═══ DATA UNDER STUDY

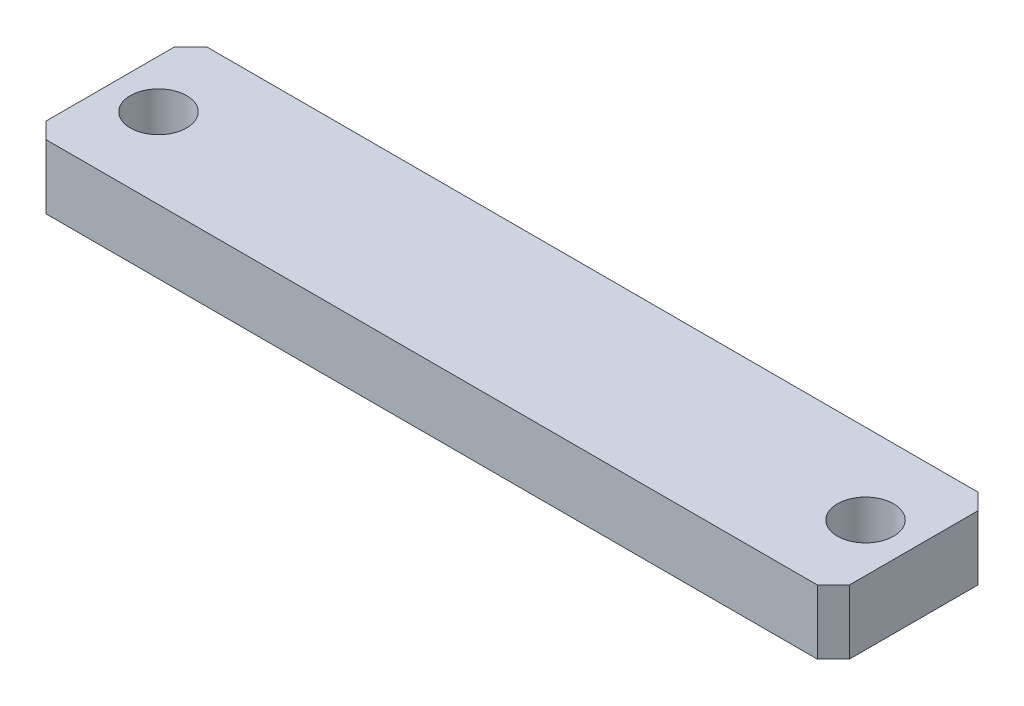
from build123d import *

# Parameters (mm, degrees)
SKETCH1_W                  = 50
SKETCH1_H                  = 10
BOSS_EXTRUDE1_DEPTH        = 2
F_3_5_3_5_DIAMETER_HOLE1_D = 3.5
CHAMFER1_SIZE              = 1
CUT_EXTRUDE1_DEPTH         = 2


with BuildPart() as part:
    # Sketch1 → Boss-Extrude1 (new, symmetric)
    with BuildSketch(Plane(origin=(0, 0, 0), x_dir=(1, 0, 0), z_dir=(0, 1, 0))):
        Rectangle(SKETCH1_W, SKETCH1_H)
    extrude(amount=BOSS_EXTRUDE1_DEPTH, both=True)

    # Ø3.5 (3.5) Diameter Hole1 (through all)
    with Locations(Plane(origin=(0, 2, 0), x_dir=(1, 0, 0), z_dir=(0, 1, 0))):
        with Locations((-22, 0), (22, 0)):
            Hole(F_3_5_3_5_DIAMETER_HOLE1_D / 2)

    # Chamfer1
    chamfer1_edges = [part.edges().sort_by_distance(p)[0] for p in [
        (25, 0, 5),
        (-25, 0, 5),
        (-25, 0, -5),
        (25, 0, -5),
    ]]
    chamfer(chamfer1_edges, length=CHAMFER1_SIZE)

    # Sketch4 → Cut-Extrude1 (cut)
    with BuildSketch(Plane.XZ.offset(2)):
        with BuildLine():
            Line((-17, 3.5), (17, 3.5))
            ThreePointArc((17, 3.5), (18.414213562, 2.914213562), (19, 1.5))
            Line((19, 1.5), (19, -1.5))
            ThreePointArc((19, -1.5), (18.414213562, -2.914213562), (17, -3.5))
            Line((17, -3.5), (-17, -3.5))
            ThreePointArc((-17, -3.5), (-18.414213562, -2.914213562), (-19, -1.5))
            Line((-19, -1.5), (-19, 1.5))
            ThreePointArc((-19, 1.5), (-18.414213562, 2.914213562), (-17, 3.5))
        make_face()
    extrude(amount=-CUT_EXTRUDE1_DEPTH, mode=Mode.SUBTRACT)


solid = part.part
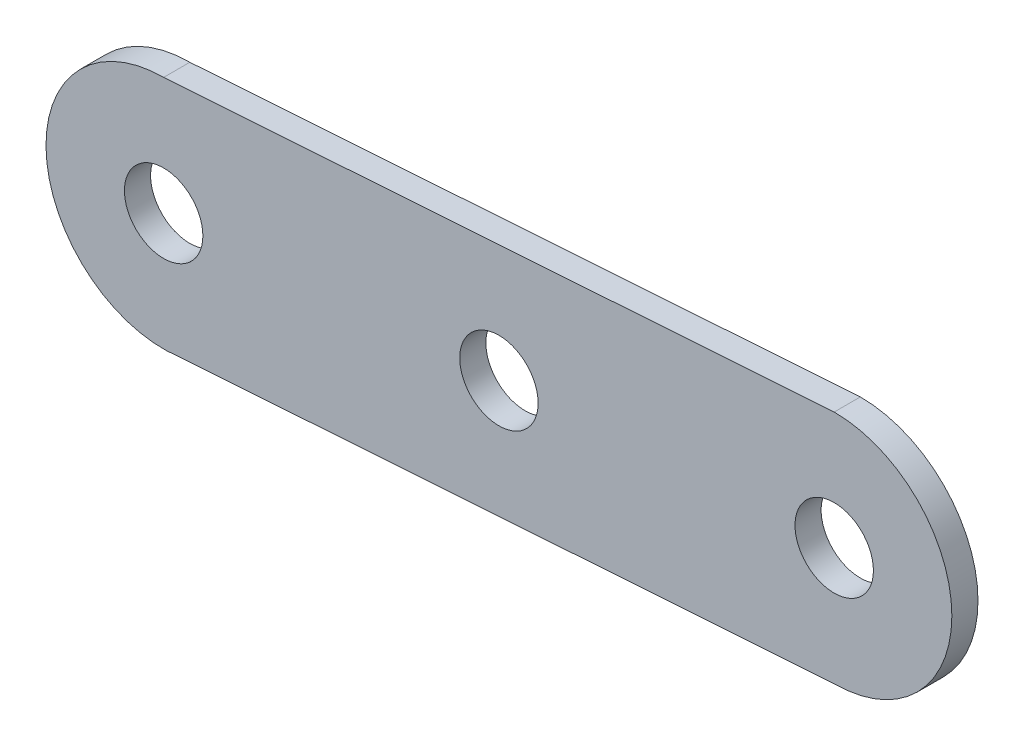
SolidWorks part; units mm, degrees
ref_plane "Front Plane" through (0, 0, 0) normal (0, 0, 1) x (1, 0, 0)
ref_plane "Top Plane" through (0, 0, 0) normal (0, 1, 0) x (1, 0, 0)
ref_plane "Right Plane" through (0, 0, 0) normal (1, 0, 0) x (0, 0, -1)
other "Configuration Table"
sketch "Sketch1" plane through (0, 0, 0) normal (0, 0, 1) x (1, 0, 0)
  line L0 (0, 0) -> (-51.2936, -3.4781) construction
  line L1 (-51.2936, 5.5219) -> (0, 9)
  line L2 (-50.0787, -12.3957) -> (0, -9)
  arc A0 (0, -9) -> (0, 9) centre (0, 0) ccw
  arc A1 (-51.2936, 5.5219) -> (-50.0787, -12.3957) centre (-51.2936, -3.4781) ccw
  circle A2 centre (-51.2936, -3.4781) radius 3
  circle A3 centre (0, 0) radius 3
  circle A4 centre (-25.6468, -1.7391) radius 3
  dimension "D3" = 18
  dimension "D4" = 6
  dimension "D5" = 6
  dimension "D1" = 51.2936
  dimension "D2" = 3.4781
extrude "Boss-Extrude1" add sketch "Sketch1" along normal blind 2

══════

WHAT YOU HAVE TO DO: Type the lines above out again exactly as they appear, skipping every picture.

ANSWER:
from build123d import *

# Parameters (mm, degrees)
SKETCH1_W                  = 50
SKETCH1_H                  = 10
BOSS_EXTRUDE1_DEPTH        = 2
F_3_5_3_5_DIAMETER_HOLE1_D = 3.5
CHAMFER1_SIZE              = 1
CUT_EXTRUDE1_DEPTH         = 2


with BuildPart() as part:
    # Sketch1 → Boss-Extrude1 (new, symmetric)
    with BuildSketch(Plane(origin=(0, 0, 0), x_dir=(1, 0, 0), z_dir=(0, 1, 0))):
        Rectangle(SKETCH1_W, SKETCH1_H)
    extrude(amount=BOSS_EXTRUDE1_DEPTH, both=True)

    # Ø3.5 (3.5) Diameter Hole1 (through all)
    with Locations(Plane(origin=(0, 2, 0), x_dir=(1, 0, 0), z_dir=(0, 1, 0))):
        with Locations((-22, 0), (22, 0)):
            Hole(F_3_5_3_5_DIAMETER_HOLE1_D / 2)

    # Chamfer1
    chamfer1_edges = [part.edges().sort_by_distance(p)[0] for p in [
        (25, 0, 5),
        (-25, 0, 5),
        (-25, 0, -5),
        (25, 0, -5),
    ]]
    chamfer(chamfer1_edges, length=CHAMFER1_SIZE)

    # Sketch4 → Cut-Extrude1 (cut)
    with BuildSketch(Plane.XZ.offset(2)):
        with BuildLine():
            Line((-17, 3.5), (17, 3.5))
            ThreePointArc((17, 3.5), (18.414213562, 2.914213562), (19, 1.5))
            Line((19, 1.5), (19, -1.5))
            ThreePointArc((19, -1.5), (18.414213562, -2.914213562), (17, -3.5))
            Line((17, -3.5), (-17, -3.5))
            ThreePointArc((-17, -3.5), (-18.414213562, -2.914213562), (-19, -1.5))
            Line((-19, -1.5), (-19, 1.5))
            ThreePointArc((-19, 1.5), (-18.414213562, 2.914213562), (-17, 3.5))
        make_face()
    extrude(amount=-CUT_EXTRUDE1_DEPTH, mode=Mode.SUBTRACT)


solid = part.part
SolidWorks part; units mm, degrees
ref_plane "Front Plane" through (0, 0, 0) normal (0, 0, 1) x (1, 0, 0)
ref_plane "Top Plane" through (0, 0, 0) normal (0, 1, 0) x (1, 0, 0)
ref_plane "Right Plane" through (0, 0, 0) normal (1, 0, 0) x (0, 0, -1)
other "Configuration Table"
sketch "Sketch1" plane through (0, 0, 0) normal (0, 0, 1) x (1, 0, 0)
  line L0 (0, 0) -> (-51.2936, -3.4781) construction
  line L1 (-51.2936, 5.5219) -> (0, 9)
  line L2 (-50.0787, -12.3957) -> (0, -9)
  arc A0 (0, -9) -> (0, 9) centre (0, 0) ccw
  arc A1 (-51.2936, 5.5219) -> (-50.0787, -12.3957) centre (-51.2936, -3.4781) ccw
  circle A2 centre (-51.2936, -3.4781) radius 3
  circle A3 centre (0, 0) radius 3
  circle A4 centre (-25.6468, -1.7391) radius 3
  dimension "D3" = 18
  dimension "D4" = 6
  dimension "D5" = 6
  dimension "D1" = 51.2936
  dimension "D2" = 3.4781
extrude "Boss-Extrude1" add sketch "Sketch1" along normal blind 2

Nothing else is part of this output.